### Assigned task:
The string "name" appears in some lines of the entries that follow; copy each such line.

Data items
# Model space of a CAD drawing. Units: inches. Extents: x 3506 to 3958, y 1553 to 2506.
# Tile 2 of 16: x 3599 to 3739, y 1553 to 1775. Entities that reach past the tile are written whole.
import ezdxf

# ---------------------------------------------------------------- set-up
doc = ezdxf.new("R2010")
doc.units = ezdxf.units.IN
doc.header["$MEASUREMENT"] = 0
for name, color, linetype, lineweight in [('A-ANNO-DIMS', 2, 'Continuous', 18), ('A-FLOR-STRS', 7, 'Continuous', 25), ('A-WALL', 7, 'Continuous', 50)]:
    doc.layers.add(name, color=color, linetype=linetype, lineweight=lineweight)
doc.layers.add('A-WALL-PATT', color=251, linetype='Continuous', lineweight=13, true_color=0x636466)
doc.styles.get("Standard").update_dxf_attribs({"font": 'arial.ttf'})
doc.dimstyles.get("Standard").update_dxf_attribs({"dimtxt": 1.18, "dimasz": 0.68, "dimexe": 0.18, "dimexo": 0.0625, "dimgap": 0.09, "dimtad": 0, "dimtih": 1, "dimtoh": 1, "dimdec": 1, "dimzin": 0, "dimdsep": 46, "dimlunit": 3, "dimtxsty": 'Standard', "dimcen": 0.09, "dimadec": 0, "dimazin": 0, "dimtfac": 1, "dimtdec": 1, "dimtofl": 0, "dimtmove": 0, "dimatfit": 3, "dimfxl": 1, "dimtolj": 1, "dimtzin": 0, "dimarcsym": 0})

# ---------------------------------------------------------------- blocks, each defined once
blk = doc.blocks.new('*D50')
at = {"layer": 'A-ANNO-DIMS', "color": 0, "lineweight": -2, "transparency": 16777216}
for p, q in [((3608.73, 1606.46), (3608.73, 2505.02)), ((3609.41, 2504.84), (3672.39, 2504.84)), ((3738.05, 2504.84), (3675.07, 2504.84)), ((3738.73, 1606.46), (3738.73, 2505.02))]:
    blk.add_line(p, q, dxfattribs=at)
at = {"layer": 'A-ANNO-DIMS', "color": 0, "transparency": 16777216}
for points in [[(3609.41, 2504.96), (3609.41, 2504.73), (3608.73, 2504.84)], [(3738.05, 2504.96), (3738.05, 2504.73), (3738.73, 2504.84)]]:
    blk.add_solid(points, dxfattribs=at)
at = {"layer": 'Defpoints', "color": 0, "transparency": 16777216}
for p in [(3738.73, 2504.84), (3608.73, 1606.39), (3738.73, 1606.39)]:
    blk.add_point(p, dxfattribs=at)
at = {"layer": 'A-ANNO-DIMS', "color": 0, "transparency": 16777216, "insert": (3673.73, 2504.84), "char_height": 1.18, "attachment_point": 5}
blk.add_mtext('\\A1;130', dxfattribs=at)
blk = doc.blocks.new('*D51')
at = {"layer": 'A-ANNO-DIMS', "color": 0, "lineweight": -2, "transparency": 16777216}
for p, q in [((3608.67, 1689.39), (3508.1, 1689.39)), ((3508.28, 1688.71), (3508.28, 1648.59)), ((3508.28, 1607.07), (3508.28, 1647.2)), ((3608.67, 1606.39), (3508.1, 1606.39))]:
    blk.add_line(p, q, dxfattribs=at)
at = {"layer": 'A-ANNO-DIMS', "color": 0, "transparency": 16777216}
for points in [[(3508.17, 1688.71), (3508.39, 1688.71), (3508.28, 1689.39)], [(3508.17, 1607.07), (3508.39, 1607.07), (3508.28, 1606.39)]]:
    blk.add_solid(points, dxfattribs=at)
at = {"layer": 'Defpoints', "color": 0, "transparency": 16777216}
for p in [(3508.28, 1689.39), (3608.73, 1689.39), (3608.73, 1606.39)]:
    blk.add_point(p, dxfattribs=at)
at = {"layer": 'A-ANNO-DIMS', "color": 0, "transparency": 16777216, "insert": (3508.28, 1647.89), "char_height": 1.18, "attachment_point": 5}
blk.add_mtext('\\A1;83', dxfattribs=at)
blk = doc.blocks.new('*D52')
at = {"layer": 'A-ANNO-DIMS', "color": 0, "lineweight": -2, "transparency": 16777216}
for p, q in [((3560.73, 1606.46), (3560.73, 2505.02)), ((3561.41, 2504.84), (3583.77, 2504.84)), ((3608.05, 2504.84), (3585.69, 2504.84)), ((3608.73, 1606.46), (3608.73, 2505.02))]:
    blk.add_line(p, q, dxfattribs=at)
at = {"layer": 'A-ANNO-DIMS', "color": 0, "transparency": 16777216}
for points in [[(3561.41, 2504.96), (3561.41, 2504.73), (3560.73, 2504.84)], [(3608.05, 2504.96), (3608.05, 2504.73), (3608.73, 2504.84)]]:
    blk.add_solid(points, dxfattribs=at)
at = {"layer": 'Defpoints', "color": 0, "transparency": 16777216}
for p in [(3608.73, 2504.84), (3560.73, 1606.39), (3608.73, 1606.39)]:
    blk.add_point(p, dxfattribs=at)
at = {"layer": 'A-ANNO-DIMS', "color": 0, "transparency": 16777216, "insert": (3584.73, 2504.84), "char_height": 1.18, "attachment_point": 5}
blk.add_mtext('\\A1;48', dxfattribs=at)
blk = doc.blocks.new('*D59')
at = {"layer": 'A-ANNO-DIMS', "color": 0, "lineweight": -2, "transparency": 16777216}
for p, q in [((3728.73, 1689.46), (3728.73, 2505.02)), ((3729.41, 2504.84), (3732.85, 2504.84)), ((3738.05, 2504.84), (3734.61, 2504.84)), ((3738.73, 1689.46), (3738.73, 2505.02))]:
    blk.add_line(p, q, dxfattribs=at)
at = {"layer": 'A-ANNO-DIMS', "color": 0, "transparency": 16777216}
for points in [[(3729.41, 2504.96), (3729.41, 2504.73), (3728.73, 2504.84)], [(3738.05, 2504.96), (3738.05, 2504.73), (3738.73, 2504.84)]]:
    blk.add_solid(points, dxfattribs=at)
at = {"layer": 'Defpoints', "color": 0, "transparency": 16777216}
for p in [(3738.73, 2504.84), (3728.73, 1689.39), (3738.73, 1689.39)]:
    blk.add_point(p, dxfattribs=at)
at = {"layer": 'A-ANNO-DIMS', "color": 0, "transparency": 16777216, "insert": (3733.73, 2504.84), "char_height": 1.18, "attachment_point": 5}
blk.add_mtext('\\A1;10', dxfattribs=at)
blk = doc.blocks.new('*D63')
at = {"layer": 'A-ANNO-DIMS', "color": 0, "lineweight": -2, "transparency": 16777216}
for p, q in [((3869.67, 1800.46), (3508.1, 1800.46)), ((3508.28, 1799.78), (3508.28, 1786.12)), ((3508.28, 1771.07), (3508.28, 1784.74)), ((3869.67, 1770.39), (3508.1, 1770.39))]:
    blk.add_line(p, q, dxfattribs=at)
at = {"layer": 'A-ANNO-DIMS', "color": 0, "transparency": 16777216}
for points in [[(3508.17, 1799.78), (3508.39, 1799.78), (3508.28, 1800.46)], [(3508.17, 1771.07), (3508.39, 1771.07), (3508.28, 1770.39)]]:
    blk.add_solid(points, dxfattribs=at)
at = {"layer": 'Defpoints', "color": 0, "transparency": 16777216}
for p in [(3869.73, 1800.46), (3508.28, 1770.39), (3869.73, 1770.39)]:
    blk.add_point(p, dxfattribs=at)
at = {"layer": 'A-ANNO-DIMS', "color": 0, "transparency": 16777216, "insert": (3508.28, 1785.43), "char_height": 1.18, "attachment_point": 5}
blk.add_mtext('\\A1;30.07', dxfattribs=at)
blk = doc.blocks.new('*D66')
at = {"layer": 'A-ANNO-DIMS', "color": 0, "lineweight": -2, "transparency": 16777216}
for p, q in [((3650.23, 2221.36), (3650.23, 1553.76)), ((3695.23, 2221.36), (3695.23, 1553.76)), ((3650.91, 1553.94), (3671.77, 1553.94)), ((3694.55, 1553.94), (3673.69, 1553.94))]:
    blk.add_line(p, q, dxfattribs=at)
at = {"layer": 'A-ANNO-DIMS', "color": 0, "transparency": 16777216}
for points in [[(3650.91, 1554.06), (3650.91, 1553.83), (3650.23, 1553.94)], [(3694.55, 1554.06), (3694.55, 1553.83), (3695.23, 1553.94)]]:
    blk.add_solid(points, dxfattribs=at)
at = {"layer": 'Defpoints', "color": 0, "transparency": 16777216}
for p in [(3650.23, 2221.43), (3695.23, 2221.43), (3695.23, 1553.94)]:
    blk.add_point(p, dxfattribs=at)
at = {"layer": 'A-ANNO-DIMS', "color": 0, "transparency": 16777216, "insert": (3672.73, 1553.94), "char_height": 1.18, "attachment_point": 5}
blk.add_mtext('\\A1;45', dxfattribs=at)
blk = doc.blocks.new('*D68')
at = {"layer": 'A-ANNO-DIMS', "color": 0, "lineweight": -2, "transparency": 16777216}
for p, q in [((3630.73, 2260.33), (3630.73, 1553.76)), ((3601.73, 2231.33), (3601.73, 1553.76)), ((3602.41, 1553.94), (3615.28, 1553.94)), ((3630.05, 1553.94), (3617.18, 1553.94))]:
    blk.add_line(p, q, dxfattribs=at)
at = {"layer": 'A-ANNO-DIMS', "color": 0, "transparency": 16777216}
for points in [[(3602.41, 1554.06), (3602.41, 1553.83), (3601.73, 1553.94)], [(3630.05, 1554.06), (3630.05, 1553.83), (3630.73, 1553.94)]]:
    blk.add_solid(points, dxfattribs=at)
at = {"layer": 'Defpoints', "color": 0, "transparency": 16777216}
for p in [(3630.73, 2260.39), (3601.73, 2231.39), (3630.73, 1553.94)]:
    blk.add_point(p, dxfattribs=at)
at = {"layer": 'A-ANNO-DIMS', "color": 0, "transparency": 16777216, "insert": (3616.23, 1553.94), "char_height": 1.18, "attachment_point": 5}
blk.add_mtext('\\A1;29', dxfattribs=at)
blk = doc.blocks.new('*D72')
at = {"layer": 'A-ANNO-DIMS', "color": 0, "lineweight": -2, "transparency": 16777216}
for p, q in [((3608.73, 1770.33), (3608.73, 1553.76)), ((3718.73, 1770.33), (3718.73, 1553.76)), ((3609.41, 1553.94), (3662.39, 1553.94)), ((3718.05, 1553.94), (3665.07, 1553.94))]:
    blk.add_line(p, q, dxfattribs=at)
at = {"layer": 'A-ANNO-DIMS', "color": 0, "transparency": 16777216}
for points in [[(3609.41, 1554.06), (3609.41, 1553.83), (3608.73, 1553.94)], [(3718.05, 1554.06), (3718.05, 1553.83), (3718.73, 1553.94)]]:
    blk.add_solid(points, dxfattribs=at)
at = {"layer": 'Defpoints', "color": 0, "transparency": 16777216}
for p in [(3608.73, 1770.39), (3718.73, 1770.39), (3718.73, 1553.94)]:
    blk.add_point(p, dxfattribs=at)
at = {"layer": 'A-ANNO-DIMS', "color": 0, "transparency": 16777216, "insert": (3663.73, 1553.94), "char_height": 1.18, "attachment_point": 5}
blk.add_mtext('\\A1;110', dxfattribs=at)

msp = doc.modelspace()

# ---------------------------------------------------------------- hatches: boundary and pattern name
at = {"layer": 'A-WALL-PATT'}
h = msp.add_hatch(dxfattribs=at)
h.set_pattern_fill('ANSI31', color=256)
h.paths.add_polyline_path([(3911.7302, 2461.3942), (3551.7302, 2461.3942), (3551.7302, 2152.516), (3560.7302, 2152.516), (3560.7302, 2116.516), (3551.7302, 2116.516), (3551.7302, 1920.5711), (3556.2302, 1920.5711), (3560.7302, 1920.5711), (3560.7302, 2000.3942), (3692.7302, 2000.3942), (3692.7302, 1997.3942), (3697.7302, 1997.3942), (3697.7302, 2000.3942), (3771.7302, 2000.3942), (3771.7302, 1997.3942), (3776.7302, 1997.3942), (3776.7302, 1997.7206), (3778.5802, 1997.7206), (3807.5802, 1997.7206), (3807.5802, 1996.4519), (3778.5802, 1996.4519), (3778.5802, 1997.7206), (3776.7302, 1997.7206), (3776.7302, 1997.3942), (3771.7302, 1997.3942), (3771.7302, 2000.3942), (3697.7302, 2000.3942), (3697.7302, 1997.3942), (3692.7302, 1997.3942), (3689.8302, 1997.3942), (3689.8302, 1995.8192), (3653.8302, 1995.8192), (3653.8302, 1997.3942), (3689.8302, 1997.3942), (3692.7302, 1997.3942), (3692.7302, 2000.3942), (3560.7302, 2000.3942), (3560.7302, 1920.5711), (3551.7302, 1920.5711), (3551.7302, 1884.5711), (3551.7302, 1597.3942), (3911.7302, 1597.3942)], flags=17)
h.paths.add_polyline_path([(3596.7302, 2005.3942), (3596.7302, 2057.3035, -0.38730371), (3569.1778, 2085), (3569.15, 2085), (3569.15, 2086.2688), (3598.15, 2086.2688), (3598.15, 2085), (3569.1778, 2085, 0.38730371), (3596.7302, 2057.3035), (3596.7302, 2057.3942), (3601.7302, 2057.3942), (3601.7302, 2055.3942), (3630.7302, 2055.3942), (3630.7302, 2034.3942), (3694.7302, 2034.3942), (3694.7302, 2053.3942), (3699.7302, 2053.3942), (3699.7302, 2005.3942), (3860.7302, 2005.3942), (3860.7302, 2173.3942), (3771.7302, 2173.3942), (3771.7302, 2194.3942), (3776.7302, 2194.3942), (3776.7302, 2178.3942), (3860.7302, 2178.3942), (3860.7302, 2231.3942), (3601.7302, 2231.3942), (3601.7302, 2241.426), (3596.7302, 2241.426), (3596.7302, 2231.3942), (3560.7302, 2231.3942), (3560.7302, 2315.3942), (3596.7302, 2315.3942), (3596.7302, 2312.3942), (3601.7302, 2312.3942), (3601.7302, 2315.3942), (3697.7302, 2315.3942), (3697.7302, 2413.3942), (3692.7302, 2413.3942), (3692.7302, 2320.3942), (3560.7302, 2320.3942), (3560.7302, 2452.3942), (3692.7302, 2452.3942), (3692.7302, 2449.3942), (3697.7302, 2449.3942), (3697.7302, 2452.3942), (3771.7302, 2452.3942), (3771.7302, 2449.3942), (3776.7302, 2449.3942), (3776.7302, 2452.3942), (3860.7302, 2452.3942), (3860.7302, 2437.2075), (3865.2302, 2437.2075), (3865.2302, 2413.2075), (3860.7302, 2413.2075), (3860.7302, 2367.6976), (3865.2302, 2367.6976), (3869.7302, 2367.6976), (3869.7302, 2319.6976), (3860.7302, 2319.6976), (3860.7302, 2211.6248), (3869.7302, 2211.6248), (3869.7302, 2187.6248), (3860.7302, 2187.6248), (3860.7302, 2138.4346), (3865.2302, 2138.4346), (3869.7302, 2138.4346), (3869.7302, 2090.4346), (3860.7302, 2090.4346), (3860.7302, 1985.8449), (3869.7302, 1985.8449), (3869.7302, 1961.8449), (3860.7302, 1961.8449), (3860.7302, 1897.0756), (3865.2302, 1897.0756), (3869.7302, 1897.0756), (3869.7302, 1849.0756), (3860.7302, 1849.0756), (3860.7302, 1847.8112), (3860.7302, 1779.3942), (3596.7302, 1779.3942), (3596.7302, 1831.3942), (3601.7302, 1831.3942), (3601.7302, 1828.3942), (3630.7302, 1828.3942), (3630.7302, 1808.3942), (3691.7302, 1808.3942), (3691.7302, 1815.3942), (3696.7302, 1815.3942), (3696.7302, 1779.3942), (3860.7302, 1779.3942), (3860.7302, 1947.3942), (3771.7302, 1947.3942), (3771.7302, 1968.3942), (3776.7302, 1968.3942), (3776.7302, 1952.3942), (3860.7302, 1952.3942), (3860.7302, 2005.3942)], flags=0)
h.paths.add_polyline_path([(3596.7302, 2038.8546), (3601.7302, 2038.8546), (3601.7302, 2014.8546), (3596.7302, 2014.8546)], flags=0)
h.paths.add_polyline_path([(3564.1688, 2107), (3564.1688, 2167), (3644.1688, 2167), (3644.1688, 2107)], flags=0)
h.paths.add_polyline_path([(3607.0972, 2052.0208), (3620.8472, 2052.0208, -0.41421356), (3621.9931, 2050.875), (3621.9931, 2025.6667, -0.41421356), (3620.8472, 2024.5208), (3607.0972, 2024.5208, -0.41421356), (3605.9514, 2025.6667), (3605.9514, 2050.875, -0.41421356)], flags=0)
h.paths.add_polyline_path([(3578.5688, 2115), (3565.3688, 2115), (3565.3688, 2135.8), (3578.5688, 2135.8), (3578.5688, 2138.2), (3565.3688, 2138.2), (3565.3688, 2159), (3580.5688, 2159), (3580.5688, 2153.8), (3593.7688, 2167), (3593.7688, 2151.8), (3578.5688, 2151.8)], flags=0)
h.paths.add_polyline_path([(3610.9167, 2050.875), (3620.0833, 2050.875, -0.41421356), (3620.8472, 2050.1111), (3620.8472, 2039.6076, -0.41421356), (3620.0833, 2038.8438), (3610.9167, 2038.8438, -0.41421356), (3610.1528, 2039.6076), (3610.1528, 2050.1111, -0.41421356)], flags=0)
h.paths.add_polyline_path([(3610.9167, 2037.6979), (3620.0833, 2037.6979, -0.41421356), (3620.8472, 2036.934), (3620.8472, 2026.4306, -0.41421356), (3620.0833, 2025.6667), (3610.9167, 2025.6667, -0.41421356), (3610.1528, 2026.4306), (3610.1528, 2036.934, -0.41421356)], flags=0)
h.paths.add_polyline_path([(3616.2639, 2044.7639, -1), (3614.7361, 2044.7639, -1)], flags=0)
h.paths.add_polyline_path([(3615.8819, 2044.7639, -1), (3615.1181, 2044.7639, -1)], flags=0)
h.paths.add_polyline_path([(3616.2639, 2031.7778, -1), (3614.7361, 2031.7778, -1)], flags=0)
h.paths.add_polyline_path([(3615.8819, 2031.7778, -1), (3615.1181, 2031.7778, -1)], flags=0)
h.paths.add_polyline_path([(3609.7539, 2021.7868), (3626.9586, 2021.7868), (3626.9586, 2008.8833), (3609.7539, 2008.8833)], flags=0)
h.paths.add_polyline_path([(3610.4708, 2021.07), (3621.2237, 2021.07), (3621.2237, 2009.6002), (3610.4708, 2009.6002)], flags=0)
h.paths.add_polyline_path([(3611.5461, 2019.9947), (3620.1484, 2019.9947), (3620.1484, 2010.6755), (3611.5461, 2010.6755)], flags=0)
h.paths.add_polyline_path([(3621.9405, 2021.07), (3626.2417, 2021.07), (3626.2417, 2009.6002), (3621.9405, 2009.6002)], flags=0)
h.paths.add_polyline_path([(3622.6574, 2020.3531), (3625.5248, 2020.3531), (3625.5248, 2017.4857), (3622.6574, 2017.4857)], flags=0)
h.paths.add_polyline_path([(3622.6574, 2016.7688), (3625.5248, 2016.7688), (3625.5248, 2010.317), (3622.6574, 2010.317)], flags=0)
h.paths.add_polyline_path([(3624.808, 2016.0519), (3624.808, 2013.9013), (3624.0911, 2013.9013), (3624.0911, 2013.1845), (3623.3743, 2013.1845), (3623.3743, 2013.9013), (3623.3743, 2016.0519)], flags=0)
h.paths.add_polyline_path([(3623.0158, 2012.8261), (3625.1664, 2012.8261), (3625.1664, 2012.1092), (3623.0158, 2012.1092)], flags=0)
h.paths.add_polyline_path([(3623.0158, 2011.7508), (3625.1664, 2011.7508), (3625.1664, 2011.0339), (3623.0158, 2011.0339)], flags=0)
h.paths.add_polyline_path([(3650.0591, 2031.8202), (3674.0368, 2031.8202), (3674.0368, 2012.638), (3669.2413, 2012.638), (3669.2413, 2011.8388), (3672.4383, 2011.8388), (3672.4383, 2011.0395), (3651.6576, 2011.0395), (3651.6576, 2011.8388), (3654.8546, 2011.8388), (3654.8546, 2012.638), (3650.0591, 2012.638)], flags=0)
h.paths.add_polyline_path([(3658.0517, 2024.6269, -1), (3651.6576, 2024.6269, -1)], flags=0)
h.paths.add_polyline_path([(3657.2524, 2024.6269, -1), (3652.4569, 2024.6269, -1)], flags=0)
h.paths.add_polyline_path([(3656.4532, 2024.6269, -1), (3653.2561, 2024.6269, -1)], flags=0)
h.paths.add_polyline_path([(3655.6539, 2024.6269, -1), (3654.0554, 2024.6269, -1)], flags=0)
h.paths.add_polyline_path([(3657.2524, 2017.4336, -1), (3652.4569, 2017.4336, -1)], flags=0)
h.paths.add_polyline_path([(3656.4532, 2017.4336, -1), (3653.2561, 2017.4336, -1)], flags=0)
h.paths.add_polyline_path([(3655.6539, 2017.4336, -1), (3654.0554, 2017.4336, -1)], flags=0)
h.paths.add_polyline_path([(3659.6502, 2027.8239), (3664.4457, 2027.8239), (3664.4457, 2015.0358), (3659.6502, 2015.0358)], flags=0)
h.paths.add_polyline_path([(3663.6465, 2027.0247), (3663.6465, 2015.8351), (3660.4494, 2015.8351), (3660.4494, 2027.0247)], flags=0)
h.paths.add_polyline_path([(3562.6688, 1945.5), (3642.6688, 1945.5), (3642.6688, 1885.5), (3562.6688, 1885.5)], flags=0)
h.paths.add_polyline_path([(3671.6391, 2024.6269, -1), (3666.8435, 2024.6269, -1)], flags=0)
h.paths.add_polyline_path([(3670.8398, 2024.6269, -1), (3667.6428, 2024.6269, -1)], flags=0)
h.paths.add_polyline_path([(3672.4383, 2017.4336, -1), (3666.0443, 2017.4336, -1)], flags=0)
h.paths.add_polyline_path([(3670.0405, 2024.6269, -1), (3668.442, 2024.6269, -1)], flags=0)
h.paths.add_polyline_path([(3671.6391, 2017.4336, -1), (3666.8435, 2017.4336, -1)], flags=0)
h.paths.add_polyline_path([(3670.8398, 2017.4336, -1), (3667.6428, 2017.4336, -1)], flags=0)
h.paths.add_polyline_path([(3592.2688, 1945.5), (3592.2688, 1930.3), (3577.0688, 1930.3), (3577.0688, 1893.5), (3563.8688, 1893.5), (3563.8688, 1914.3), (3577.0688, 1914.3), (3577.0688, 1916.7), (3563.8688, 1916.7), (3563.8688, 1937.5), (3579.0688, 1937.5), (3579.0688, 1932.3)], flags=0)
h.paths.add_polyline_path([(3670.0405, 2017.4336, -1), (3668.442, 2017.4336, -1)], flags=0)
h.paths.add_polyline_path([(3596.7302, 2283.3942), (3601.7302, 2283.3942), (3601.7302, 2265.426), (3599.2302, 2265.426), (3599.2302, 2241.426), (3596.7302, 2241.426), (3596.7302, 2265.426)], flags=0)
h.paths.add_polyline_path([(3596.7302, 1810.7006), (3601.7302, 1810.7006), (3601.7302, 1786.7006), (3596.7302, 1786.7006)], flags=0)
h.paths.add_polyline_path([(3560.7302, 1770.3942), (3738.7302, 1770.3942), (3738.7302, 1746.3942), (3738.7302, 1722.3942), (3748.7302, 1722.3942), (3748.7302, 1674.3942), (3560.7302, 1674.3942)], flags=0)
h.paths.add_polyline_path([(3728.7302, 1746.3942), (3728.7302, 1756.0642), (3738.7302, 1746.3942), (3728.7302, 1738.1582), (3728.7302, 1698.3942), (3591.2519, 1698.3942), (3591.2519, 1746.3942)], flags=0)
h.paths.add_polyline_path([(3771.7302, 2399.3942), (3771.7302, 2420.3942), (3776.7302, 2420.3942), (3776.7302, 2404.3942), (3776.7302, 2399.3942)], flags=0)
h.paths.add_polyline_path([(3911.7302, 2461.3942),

### Exercise solution:
for name, color, linetype, lineweight in [('A-ANNO-DIMS', 2, 'Continuous', 18), ('A-FLOR-STRS', 7, 'Continuous', 25), ('A-WALL', 7, 'Continuous', 50)]:
    doc.layers.add(name, color=color, linetype=linetype, lineweight=lineweight)
# ---------------------------------------------------------------- hatches: boundary and pattern name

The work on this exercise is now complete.